Exercise details – For this exercise, return the line containing "# Sketch3 →" and every line after it through the end of the records below, without alteration.

Input –
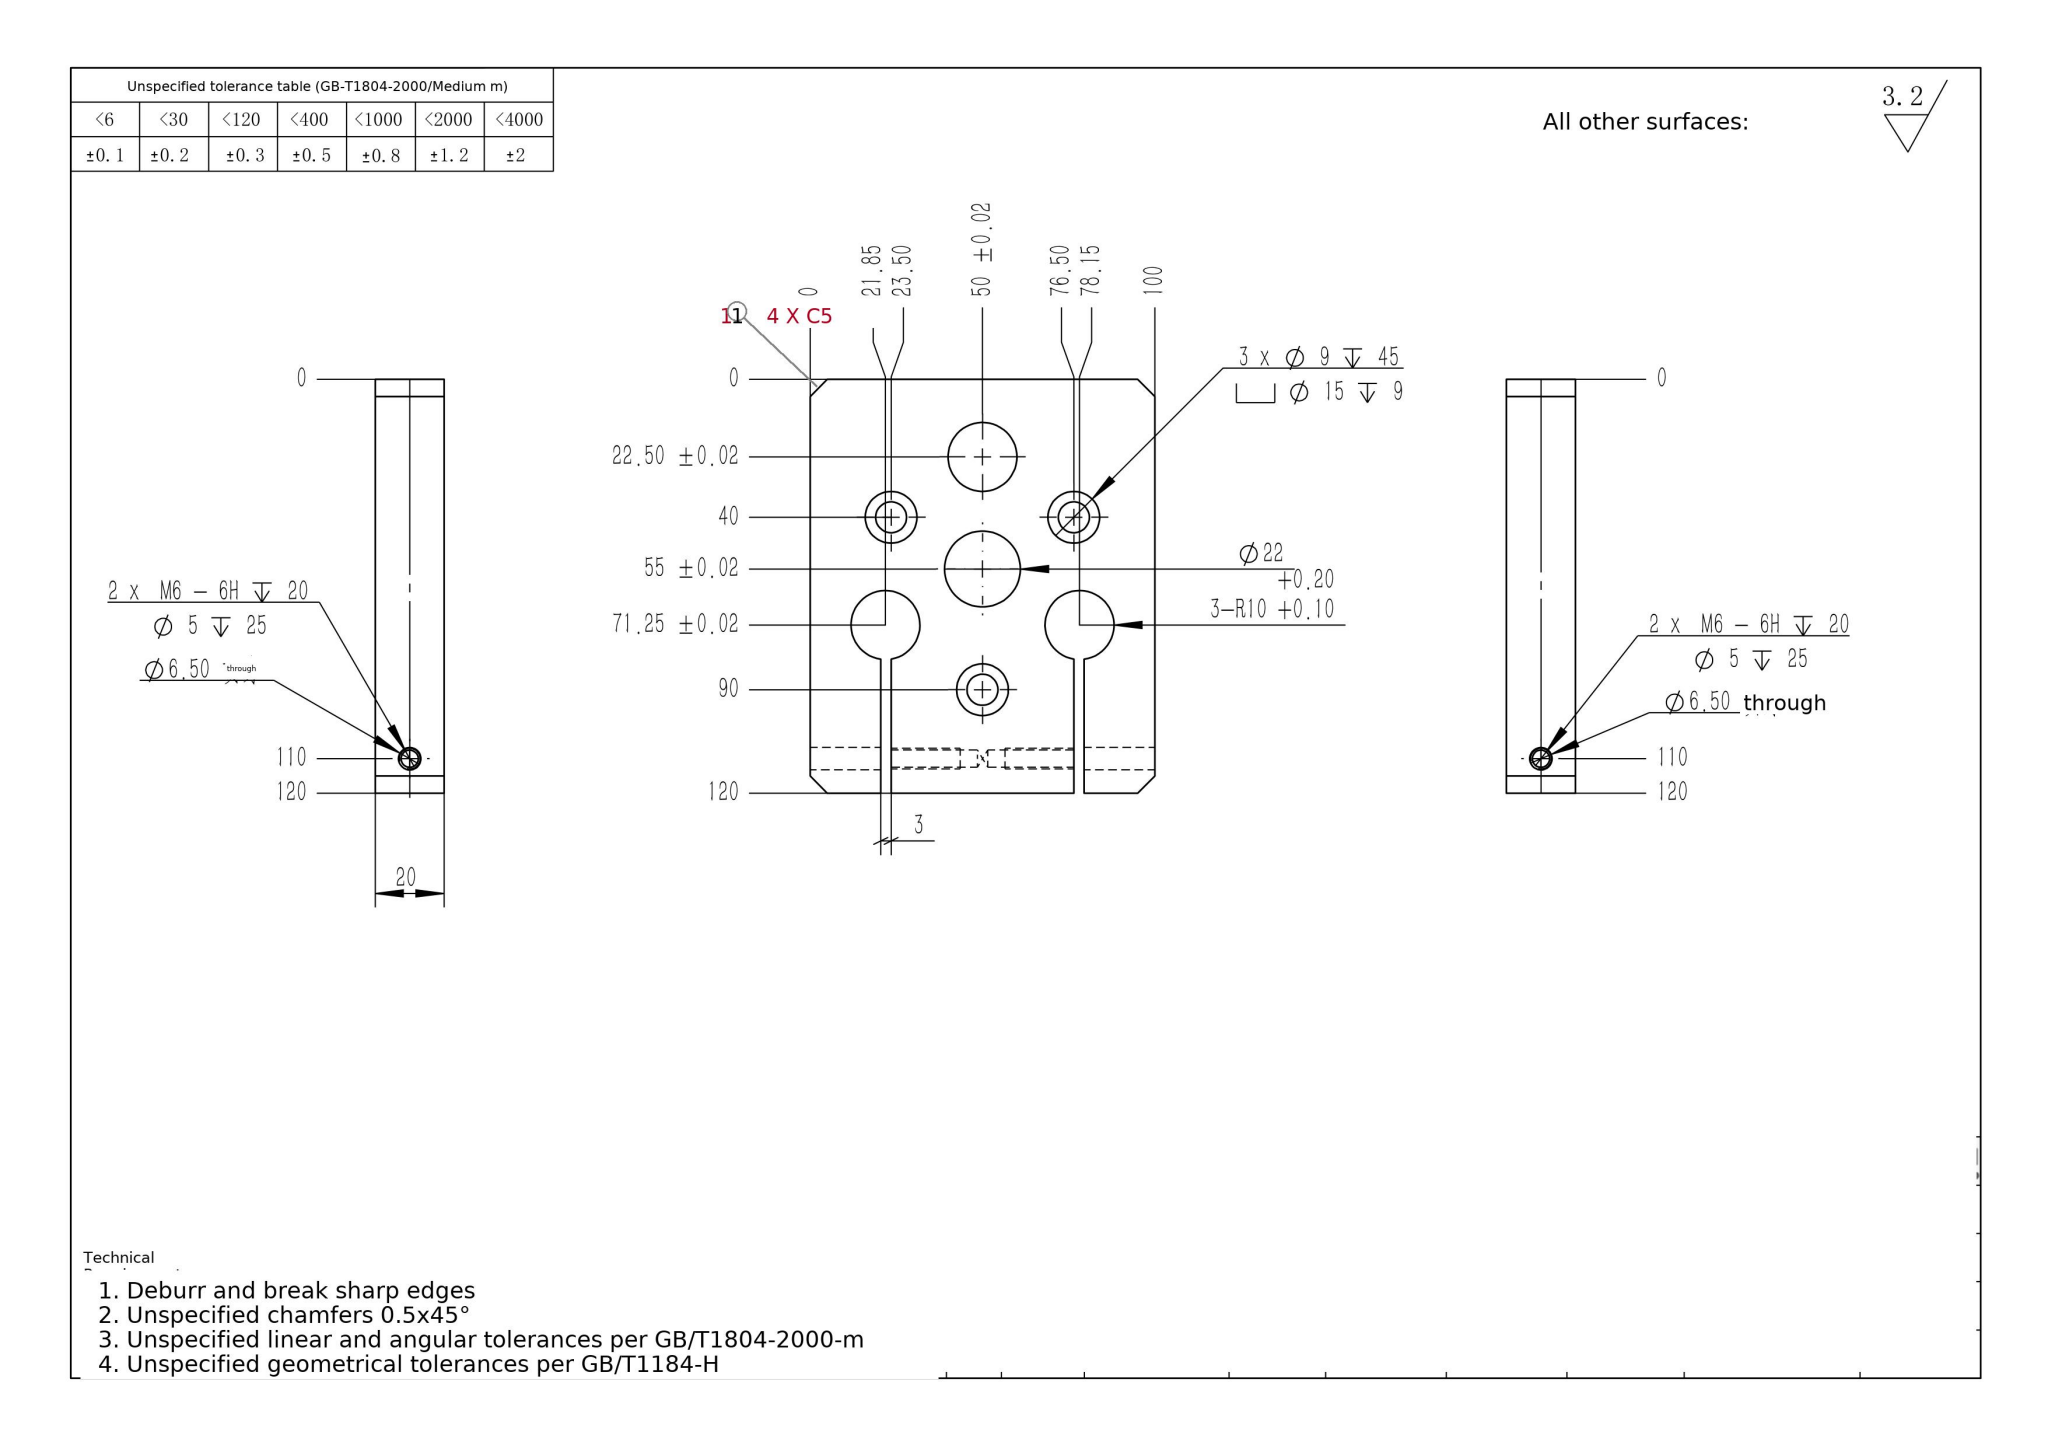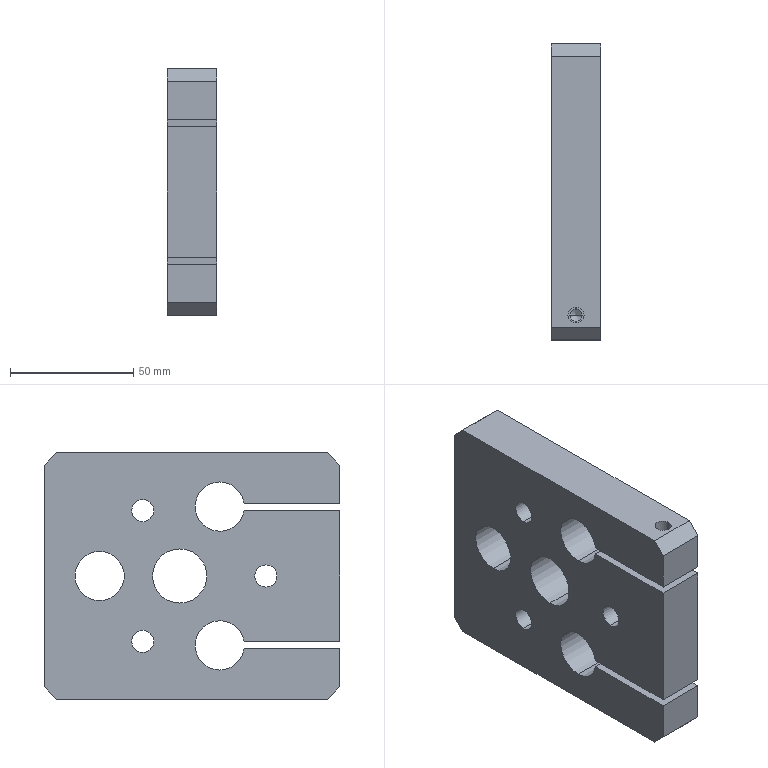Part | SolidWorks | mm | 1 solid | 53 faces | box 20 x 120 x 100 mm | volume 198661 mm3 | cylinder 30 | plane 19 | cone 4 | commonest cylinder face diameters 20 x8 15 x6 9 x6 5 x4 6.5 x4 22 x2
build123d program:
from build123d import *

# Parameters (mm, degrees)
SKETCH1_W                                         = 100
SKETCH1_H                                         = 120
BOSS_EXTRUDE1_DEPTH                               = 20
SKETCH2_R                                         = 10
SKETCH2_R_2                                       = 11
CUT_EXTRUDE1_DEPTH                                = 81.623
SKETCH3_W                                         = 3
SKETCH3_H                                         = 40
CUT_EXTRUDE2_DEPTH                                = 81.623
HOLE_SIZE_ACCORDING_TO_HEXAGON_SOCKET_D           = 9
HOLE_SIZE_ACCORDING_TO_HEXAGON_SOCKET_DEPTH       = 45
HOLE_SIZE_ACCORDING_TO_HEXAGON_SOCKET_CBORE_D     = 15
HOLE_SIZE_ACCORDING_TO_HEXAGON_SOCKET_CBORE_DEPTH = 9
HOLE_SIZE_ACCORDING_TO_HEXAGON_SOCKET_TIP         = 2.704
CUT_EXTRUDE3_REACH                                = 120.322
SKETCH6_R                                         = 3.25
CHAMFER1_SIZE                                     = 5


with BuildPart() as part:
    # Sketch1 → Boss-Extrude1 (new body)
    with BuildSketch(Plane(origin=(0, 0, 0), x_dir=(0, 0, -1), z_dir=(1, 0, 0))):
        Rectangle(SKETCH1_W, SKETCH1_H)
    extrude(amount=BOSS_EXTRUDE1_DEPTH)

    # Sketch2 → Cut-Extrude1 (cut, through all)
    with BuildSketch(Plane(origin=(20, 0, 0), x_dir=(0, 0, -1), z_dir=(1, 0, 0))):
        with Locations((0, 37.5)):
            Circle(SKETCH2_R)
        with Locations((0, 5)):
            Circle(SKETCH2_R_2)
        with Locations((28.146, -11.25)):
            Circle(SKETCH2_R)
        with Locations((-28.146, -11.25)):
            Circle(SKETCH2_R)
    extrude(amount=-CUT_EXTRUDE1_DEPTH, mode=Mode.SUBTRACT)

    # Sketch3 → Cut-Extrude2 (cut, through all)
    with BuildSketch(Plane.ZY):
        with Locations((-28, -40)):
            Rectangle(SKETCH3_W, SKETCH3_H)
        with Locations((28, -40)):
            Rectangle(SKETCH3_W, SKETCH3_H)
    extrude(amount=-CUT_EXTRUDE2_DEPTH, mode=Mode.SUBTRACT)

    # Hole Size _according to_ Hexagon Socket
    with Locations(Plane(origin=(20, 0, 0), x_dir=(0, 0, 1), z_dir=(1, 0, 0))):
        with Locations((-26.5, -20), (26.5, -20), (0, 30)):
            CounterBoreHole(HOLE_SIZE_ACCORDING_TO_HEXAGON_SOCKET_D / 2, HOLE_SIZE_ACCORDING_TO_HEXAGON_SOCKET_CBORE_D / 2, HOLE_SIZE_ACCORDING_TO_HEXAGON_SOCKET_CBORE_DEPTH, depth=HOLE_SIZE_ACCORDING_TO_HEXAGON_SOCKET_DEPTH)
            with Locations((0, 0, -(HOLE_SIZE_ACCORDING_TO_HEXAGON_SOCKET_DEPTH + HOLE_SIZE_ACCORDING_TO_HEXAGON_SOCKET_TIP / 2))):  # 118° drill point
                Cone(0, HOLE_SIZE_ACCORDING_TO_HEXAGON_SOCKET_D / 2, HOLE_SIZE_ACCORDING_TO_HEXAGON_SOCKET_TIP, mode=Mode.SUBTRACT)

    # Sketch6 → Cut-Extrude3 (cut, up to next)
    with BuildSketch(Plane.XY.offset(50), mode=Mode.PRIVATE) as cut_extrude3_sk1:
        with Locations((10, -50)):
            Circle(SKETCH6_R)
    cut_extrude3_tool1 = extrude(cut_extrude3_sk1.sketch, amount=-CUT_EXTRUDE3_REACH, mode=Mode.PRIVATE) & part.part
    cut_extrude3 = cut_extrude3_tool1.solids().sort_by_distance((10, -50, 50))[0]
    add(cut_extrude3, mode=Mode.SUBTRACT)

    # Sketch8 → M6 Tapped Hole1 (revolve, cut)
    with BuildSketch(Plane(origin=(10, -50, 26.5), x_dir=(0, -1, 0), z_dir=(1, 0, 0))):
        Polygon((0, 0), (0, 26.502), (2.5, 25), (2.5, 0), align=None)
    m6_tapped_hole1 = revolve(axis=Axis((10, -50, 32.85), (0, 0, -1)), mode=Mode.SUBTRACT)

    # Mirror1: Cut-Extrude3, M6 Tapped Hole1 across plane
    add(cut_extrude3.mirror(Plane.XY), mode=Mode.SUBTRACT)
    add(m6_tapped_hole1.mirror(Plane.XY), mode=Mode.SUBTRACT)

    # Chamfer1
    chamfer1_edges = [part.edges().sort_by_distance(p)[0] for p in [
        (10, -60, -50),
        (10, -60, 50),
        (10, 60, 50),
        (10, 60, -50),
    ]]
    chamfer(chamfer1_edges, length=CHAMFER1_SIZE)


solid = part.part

Answer to this exercise –
    # Sketch3 → Cut-Extrude2 (cut, through all)
    with BuildSketch(Plane.ZY):
        with Locations((-28, -40)):
            Rectangle(SKETCH3_W, SKETCH3_H)
        with Locations((28, -40)):
            Rectangle(SKETCH3_W, SKETCH3_H)
    extrude(amount=-CUT_EXTRUDE2_DEPTH, mode=Mode.SUBTRACT)

    # Hole Size _according to_ Hexagon Socket
    with Locations(Plane(origin=(20, 0, 0), x_dir=(0, 0, 1), z_dir=(1, 0, 0))):
        with Locations((-26.5, -20), (26.5, -20), (0, 30)):
            CounterBoreHole(HOLE_SIZE_ACCORDING_TO_HEXAGON_SOCKET_D / 2, HOLE_SIZE_ACCORDING_TO_HEXAGON_SOCKET_CBORE_D / 2, HOLE_SIZE_ACCORDING_TO_HEXAGON_SOCKET_CBORE_DEPTH, depth=HOLE_SIZE_ACCORDING_TO_HEXAGON_SOCKET_DEPTH)
            with Locations((0, 0, -(HOLE_SIZE_ACCORDING_TO_HEXAGON_SOCKET_DEPTH + HOLE_SIZE_ACCORDING_TO_HEXAGON_SOCKET_TIP / 2))):  # 118° drill point
                Cone(0, HOLE_SIZE_ACCORDING_TO_HEXAGON_SOCKET_D / 2, HOLE_SIZE_ACCORDING_TO_HEXAGON_SOCKET_TIP, mode=Mode.SUBTRACT)

    # Sketch6 → Cut-Extrude3 (cut, up to next)
    with BuildSketch(Plane.XY.offset(50), mode=Mode.PRIVATE) as cut_extrude3_sk1:
        with Locations((10, -50)):
            Circle(SKETCH6_R)
    cut_extrude3_tool1 = extrude(cut_extrude3_sk1.sketch, amount=-CUT_EXTRUDE3_REACH, mode=Mode.PRIVATE) & part.part
    cut_extrude3 = cut_extrude3_tool1.solids().sort_by_distance((10, -50, 50))[0]
    add(cut_extrude3, mode=Mode.SUBTRACT)

    # Sketch8 → M6 Tapped Hole1 (revolve, cut)
    with BuildSketch(Plane(origin=(10, -50, 26.5), x_dir=(0, -1, 0), z_dir=(1, 0, 0))):
        Polygon((0, 0), (0, 26.502), (2.5, 25), (2.5, 0), align=None)
    m6_tapped_hole1 = revolve(axis=Axis((10, -50, 32.85), (0, 0, -1)), mode=Mode.SUBTRACT)

    # Mirror1: Cut-Extrude3, M6 Tapped Hole1 across plane
    add(cut_extrude3.mirror(Plane.XY), mode=Mode.SUBTRACT)
    add(m6_tapped_hole1.mirror(Plane.XY), mode=Mode.SUBTRACT)

    # Chamfer1
    chamfer1_edges = [part.edges().sort_by_distance(p)[0] for p in [
        (10, -60, -50),
        (10, -60, 50),
        (10, 60, 50),
        (10, 60, -50),
    ]]
    chamfer(chamfer1_edges, length=CHAMFER1_SIZE)


solid = part.part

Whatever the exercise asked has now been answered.